EXERCISE AIM ::
Of the entries below, return exactly those lines that fall between the one containing "#69=CARTESIAN_POINT('',(12.687,-23.201,1.946));" and the one containing "#83=ORIENTED_EDGE('',*,*,#82,.F.);", the two end lines included.
• • • • • • •
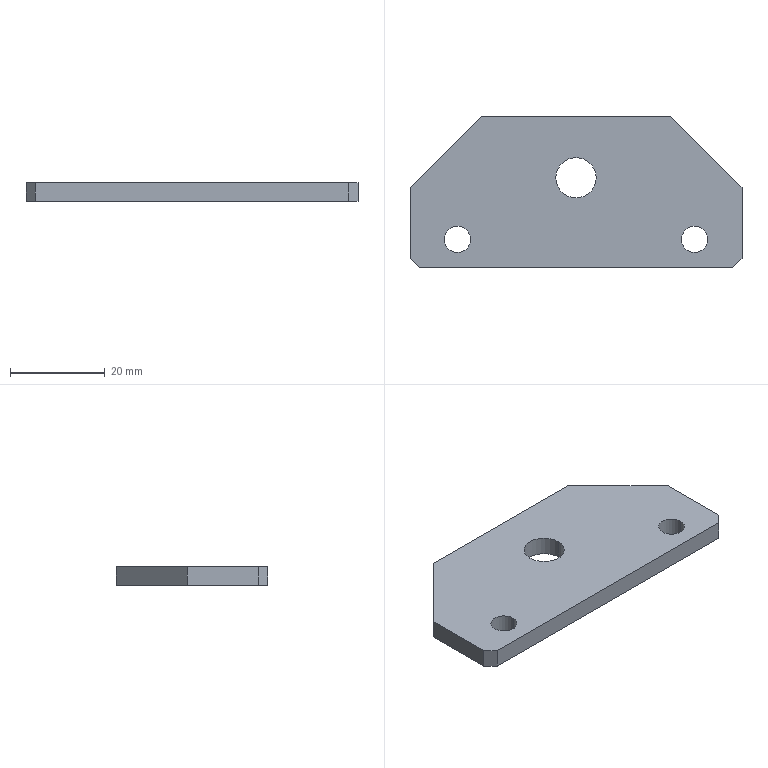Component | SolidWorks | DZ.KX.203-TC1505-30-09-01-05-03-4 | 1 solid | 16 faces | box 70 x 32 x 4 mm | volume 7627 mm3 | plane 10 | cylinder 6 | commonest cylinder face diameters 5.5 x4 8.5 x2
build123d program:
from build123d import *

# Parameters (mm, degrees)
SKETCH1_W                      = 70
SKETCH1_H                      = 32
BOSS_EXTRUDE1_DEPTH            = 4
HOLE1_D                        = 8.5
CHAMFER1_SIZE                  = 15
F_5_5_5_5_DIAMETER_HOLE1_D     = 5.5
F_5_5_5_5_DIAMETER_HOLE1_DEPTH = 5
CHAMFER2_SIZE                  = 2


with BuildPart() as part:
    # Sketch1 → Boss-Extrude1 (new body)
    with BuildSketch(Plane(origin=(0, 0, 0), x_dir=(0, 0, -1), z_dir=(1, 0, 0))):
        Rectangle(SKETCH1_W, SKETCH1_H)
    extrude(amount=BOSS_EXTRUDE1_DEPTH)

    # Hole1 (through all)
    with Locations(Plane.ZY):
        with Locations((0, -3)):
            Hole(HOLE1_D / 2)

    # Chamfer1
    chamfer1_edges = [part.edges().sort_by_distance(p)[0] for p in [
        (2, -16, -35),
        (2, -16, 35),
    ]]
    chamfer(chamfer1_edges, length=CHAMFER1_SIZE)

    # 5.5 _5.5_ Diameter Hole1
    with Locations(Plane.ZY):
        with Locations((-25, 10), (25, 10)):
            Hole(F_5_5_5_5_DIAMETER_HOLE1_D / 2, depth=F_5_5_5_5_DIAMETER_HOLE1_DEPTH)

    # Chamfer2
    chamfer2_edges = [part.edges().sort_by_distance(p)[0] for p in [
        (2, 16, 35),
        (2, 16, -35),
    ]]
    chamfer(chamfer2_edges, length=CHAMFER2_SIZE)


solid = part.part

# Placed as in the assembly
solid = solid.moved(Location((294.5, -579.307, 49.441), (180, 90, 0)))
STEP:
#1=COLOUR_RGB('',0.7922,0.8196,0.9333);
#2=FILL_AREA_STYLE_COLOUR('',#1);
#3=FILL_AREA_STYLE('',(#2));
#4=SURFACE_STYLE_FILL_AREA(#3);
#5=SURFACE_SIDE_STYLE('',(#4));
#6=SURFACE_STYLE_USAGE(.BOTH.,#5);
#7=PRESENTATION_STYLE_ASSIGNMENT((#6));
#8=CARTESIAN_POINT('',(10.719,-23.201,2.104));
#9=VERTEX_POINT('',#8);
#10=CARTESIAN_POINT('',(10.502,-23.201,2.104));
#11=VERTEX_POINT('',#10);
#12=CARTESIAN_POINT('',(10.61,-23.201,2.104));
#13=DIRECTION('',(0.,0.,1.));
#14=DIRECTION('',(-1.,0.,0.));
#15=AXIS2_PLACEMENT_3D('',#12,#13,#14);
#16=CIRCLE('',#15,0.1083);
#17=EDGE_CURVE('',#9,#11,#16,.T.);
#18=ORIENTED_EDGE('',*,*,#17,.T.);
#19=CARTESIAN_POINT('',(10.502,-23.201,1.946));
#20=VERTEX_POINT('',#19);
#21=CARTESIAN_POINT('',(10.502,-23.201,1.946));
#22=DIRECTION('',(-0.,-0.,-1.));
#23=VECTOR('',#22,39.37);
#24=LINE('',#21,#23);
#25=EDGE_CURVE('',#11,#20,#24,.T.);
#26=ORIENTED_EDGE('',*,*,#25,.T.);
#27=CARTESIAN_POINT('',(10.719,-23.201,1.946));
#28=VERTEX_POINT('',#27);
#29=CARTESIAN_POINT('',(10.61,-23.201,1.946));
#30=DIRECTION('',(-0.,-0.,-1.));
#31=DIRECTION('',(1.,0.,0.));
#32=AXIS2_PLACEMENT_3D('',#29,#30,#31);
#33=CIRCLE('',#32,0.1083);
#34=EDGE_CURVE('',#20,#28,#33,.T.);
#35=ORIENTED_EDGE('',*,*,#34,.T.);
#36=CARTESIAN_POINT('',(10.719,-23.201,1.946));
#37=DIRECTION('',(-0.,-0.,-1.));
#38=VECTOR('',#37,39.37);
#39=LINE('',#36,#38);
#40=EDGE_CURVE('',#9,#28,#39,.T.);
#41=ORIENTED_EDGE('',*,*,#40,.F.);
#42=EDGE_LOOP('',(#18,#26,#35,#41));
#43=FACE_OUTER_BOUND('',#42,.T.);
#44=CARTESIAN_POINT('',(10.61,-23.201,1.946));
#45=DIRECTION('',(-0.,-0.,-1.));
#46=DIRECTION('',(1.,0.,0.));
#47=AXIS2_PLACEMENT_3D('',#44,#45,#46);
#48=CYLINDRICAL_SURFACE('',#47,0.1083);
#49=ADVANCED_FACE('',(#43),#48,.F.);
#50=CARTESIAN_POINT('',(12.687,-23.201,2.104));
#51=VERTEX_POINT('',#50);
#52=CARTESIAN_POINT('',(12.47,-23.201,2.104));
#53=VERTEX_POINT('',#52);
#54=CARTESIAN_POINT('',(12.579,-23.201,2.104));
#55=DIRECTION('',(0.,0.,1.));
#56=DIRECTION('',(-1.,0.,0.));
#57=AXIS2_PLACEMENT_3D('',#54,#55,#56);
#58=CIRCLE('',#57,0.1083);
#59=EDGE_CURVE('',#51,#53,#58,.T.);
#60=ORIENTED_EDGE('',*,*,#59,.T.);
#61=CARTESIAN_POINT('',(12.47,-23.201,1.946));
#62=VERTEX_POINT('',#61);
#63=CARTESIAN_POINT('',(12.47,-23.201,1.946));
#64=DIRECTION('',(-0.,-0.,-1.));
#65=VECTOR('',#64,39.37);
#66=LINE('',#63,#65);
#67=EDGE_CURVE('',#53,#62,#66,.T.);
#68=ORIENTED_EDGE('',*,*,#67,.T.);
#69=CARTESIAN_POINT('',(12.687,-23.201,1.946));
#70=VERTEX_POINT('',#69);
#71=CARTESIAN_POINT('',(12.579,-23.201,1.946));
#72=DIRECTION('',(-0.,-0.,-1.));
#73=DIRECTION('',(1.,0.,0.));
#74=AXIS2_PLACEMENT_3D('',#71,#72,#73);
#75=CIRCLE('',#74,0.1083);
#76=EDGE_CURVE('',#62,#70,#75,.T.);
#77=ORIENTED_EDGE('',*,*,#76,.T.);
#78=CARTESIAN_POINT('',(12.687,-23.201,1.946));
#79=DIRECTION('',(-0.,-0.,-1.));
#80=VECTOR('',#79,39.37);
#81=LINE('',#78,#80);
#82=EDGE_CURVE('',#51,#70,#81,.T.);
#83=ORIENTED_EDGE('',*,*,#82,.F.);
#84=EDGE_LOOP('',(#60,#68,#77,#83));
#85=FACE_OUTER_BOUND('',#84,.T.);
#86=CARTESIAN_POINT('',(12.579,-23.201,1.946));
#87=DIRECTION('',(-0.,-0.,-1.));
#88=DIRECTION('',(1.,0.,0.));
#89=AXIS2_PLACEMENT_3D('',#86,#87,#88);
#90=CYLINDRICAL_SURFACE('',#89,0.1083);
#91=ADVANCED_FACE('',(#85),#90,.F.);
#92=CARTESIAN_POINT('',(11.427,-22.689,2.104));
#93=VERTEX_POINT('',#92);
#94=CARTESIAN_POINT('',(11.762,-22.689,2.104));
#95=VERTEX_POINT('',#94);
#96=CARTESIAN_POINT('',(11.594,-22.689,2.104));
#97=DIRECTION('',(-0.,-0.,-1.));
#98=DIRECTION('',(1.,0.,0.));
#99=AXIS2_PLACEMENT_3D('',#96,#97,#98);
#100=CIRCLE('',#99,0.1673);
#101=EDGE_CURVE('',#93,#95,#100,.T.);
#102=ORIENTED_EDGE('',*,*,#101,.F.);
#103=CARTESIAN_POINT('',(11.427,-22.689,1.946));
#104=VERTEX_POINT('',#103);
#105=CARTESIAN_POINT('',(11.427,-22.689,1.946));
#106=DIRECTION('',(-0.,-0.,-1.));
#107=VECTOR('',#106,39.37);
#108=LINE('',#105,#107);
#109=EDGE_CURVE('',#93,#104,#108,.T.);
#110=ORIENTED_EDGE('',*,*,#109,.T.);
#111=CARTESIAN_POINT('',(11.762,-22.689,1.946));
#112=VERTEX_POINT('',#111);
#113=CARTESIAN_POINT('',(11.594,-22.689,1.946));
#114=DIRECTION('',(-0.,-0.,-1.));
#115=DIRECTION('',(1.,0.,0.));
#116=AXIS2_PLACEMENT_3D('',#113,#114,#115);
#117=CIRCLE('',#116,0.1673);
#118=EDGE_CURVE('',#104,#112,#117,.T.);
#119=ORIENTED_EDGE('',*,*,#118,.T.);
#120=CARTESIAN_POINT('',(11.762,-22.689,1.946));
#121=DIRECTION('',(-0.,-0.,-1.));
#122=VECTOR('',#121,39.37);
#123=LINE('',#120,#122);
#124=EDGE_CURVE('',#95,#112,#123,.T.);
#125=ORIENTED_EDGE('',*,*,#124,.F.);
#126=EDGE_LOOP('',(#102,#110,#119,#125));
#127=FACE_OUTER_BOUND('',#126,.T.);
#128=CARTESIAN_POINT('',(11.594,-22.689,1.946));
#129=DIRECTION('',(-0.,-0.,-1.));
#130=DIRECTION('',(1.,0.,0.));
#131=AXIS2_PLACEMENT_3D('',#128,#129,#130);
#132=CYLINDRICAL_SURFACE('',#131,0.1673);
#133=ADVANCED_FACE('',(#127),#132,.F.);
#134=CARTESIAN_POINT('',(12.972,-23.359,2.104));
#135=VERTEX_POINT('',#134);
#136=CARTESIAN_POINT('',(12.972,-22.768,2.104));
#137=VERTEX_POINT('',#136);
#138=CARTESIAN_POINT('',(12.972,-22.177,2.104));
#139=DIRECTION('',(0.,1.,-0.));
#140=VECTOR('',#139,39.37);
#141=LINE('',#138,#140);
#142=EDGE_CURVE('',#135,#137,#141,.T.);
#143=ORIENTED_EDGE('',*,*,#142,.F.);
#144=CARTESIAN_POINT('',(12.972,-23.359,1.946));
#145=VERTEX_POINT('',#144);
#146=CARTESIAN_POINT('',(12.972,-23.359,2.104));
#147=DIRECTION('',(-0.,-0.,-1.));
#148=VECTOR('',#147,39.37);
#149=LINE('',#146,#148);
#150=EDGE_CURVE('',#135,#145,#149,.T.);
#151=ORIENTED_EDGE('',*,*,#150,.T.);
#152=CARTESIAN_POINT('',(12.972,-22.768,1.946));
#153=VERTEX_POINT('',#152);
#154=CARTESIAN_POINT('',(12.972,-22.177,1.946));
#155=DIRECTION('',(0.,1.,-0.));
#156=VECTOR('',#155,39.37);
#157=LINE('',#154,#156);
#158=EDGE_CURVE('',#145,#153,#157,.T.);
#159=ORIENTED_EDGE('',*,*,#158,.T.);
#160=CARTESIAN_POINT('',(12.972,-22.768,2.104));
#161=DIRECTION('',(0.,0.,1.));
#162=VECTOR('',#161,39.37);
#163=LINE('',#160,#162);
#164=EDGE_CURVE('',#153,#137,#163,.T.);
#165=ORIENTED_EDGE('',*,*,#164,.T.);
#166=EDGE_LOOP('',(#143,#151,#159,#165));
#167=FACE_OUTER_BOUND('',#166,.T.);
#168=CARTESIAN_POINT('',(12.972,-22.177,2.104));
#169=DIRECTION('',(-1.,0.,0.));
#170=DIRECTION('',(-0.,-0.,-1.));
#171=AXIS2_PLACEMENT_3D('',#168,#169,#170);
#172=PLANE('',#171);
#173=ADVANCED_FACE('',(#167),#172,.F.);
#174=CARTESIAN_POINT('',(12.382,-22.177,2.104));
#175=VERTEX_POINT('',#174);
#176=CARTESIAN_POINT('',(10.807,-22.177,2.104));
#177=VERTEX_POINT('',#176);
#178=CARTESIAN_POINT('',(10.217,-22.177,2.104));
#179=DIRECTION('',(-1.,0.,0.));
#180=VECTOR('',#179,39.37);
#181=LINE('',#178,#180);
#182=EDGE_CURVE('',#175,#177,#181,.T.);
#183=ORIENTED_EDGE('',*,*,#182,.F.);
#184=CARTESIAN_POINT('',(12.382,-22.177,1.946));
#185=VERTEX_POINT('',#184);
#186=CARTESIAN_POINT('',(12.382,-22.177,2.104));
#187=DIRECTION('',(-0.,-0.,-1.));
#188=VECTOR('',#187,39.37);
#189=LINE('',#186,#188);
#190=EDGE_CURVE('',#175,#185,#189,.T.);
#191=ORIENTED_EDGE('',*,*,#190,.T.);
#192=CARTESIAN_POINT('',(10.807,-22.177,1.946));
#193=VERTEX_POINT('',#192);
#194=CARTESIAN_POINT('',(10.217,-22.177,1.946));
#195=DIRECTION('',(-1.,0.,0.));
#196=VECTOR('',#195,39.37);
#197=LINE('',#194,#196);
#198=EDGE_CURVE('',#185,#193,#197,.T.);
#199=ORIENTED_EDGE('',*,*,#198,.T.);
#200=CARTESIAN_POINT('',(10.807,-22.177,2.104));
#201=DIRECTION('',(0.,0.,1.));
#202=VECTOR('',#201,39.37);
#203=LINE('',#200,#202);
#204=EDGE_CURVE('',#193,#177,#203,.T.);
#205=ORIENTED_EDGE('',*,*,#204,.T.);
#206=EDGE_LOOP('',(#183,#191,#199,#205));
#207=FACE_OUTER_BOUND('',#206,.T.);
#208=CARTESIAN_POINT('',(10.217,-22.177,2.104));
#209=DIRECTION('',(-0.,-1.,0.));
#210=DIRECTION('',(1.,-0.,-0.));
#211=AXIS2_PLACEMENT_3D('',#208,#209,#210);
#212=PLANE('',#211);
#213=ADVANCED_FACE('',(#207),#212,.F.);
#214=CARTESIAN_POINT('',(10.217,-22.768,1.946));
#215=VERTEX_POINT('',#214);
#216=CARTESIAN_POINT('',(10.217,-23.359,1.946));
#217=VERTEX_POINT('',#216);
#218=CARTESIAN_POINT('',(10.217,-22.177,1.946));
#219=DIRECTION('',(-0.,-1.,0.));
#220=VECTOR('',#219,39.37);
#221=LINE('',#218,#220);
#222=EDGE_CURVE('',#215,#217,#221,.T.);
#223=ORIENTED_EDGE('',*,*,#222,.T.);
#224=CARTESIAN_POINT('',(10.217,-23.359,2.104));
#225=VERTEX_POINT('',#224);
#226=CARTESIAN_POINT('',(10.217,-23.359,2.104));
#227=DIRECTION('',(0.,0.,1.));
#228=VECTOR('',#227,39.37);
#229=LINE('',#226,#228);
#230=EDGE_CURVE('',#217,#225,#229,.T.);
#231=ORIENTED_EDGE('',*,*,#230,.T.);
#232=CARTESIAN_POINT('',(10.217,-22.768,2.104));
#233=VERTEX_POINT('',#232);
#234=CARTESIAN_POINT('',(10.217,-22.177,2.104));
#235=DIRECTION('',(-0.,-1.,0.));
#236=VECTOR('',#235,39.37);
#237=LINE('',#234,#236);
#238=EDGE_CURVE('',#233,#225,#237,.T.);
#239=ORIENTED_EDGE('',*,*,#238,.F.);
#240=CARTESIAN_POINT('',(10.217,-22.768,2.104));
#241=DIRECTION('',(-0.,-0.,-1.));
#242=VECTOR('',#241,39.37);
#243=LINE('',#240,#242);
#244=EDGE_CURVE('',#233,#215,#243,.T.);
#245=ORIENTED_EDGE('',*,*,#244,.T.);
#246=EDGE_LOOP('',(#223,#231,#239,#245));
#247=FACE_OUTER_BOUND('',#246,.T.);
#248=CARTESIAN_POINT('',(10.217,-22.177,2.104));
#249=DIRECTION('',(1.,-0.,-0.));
• • • • • • •
RESPONSE AREA ::
#69=CARTESIAN_POINT('',(12.687,-23.201,1.946));
#70=VERTEX_POINT('',#69);
#71=CARTESIAN_POINT('',(12.579,-23.201,1.946));
#72=DIRECTION('',(-0.,-0.,-1.));
#73=DIRECTION('',(1.,0.,0.));
#74=AXIS2_PLACEMENT_3D('',#71,#72,#73);
#75=CIRCLE('',#74,0.1083);
#76=EDGE_CURVE('',#62,#70,#75,.T.);
#77=ORIENTED_EDGE('',*,*,#76,.T.);
#78=CARTESIAN_POINT('',(12.687,-23.201,1.946));
#79=DIRECTION('',(-0.,-0.,-1.));
#80=VECTOR('',#79,39.37);
#81=LINE('',#78,#80);
#82=EDGE_CURVE('',#51,#70,#81,.T.);
#83=ORIENTED_EDGE('',*,*,#82,.F.);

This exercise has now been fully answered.